— ENTRIES SUPPLIED —

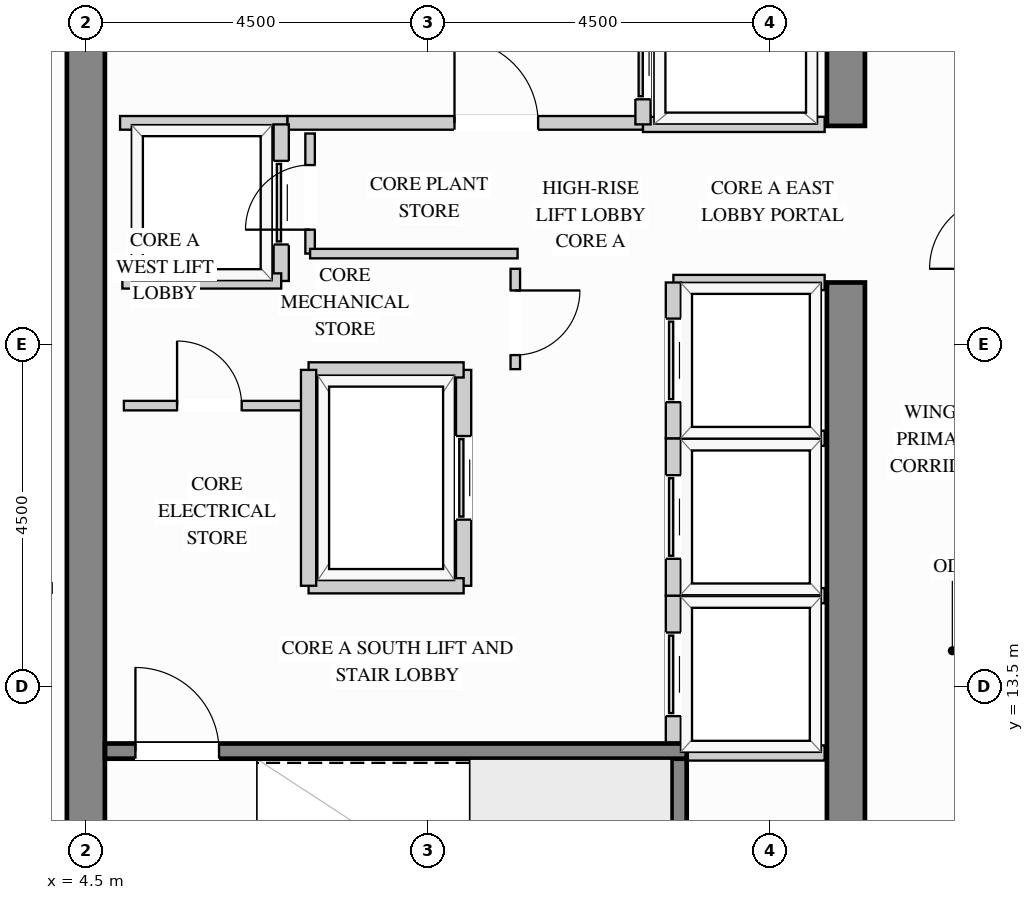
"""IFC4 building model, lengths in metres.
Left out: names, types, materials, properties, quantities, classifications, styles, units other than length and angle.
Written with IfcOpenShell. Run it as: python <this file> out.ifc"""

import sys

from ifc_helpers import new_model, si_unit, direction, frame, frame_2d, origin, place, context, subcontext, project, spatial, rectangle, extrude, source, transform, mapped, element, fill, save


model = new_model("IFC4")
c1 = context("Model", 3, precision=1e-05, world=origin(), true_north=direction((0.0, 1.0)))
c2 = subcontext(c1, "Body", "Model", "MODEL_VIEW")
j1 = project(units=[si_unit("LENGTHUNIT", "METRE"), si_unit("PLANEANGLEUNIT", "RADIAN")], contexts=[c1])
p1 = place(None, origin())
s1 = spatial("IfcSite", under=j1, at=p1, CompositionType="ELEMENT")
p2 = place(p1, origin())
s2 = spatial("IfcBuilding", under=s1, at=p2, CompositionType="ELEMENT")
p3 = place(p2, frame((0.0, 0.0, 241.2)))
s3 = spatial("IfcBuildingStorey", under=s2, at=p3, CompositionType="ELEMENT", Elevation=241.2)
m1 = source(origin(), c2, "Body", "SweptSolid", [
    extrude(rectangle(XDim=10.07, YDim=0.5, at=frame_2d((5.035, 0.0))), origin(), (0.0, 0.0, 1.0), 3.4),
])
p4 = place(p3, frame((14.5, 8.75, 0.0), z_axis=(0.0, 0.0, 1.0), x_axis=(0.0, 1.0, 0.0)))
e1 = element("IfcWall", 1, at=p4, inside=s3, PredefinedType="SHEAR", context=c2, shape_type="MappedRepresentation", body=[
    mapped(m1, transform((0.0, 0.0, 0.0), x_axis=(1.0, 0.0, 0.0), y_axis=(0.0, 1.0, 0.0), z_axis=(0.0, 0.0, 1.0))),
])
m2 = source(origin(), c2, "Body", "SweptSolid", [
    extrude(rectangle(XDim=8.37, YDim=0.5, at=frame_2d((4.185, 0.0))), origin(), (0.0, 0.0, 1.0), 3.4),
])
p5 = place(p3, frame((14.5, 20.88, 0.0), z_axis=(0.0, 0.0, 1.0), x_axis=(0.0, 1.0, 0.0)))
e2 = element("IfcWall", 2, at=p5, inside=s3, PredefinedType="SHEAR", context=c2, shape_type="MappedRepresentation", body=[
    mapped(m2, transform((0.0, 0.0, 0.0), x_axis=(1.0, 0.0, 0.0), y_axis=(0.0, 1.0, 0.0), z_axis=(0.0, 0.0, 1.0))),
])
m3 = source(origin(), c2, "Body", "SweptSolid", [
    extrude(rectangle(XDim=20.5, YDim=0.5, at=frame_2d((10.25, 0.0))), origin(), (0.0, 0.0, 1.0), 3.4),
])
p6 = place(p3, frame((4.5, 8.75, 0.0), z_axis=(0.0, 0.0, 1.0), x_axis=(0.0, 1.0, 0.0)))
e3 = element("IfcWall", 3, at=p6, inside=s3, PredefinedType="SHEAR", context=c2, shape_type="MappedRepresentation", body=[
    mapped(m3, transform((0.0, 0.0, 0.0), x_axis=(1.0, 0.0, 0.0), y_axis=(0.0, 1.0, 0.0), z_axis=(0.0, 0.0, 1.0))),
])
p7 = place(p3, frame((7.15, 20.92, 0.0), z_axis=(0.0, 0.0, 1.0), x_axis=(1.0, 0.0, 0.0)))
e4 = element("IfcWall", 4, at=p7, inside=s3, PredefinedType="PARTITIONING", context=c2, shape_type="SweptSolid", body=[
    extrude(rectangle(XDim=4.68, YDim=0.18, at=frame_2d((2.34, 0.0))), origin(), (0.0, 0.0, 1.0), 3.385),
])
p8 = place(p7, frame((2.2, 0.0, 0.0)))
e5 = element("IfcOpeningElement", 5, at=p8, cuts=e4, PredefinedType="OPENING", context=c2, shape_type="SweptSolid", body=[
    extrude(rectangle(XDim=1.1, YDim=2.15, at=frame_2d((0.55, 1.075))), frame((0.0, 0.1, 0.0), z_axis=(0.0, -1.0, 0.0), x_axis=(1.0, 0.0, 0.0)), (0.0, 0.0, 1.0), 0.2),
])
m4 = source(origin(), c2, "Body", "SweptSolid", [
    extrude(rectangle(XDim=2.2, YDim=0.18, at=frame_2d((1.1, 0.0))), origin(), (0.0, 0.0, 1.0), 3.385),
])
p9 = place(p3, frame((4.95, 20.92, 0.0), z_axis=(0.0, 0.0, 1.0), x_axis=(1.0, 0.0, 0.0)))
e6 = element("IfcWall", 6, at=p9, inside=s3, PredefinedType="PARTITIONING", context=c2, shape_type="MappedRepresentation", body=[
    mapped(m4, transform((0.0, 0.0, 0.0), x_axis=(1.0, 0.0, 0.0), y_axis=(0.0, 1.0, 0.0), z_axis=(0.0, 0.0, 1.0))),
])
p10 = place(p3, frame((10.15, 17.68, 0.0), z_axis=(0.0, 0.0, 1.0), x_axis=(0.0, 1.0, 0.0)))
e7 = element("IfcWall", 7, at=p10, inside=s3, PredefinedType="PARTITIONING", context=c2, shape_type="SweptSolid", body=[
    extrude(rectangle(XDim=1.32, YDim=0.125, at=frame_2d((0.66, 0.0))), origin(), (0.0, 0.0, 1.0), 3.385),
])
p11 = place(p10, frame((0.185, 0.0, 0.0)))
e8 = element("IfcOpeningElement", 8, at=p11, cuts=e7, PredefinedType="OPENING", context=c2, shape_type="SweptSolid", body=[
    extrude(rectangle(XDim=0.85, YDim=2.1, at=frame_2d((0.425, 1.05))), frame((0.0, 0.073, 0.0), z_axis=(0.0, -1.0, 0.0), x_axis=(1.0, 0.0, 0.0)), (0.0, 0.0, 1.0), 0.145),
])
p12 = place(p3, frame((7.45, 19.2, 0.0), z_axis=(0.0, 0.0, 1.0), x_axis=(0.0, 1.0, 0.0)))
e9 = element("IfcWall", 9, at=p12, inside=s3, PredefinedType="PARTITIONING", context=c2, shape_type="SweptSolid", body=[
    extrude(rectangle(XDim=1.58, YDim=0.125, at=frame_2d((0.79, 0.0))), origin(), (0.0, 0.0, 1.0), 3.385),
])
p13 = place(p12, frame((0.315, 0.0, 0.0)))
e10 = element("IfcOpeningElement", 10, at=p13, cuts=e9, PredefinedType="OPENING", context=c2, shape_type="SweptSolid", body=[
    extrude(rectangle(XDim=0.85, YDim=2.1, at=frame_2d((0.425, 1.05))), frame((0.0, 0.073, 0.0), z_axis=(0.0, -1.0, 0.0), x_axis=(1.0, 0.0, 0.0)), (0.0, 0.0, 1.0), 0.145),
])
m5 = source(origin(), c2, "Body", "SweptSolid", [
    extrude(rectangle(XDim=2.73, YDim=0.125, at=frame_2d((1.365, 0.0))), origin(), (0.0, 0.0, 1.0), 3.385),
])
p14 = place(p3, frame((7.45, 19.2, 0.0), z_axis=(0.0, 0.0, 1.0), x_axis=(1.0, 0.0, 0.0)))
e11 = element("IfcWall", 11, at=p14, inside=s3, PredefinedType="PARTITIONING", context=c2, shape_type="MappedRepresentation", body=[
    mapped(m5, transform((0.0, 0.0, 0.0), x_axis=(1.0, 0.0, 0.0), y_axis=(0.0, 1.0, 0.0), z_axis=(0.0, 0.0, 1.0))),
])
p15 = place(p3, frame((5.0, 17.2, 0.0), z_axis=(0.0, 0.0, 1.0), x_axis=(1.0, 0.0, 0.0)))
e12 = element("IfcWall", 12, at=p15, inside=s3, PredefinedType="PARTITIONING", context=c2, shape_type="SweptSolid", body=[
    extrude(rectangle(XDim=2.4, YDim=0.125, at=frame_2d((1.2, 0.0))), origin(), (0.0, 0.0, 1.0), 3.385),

— PROBLEM TO SOLVE —
From the material above, copy exactly the lines between the line holding "world=origin(), true_north=direction((0.0, 1.0)))" and the line holding "p1 = place(None, origin())", inclusive, and only those.

— OUTPUT FOR THIS TASK —
c1 = context("Model", 3, precision=1e-05, world=origin(), true_north=direction((0.0, 1.0)))
c2 = subcontext(c1, "Body", "Model", "MODEL_VIEW")
j1 = project(units=[si_unit("LENGTHUNIT", "METRE"), si_unit("PLANEANGLEUNIT", "RADIAN")], contexts=[c1])
p1 = place(None, origin())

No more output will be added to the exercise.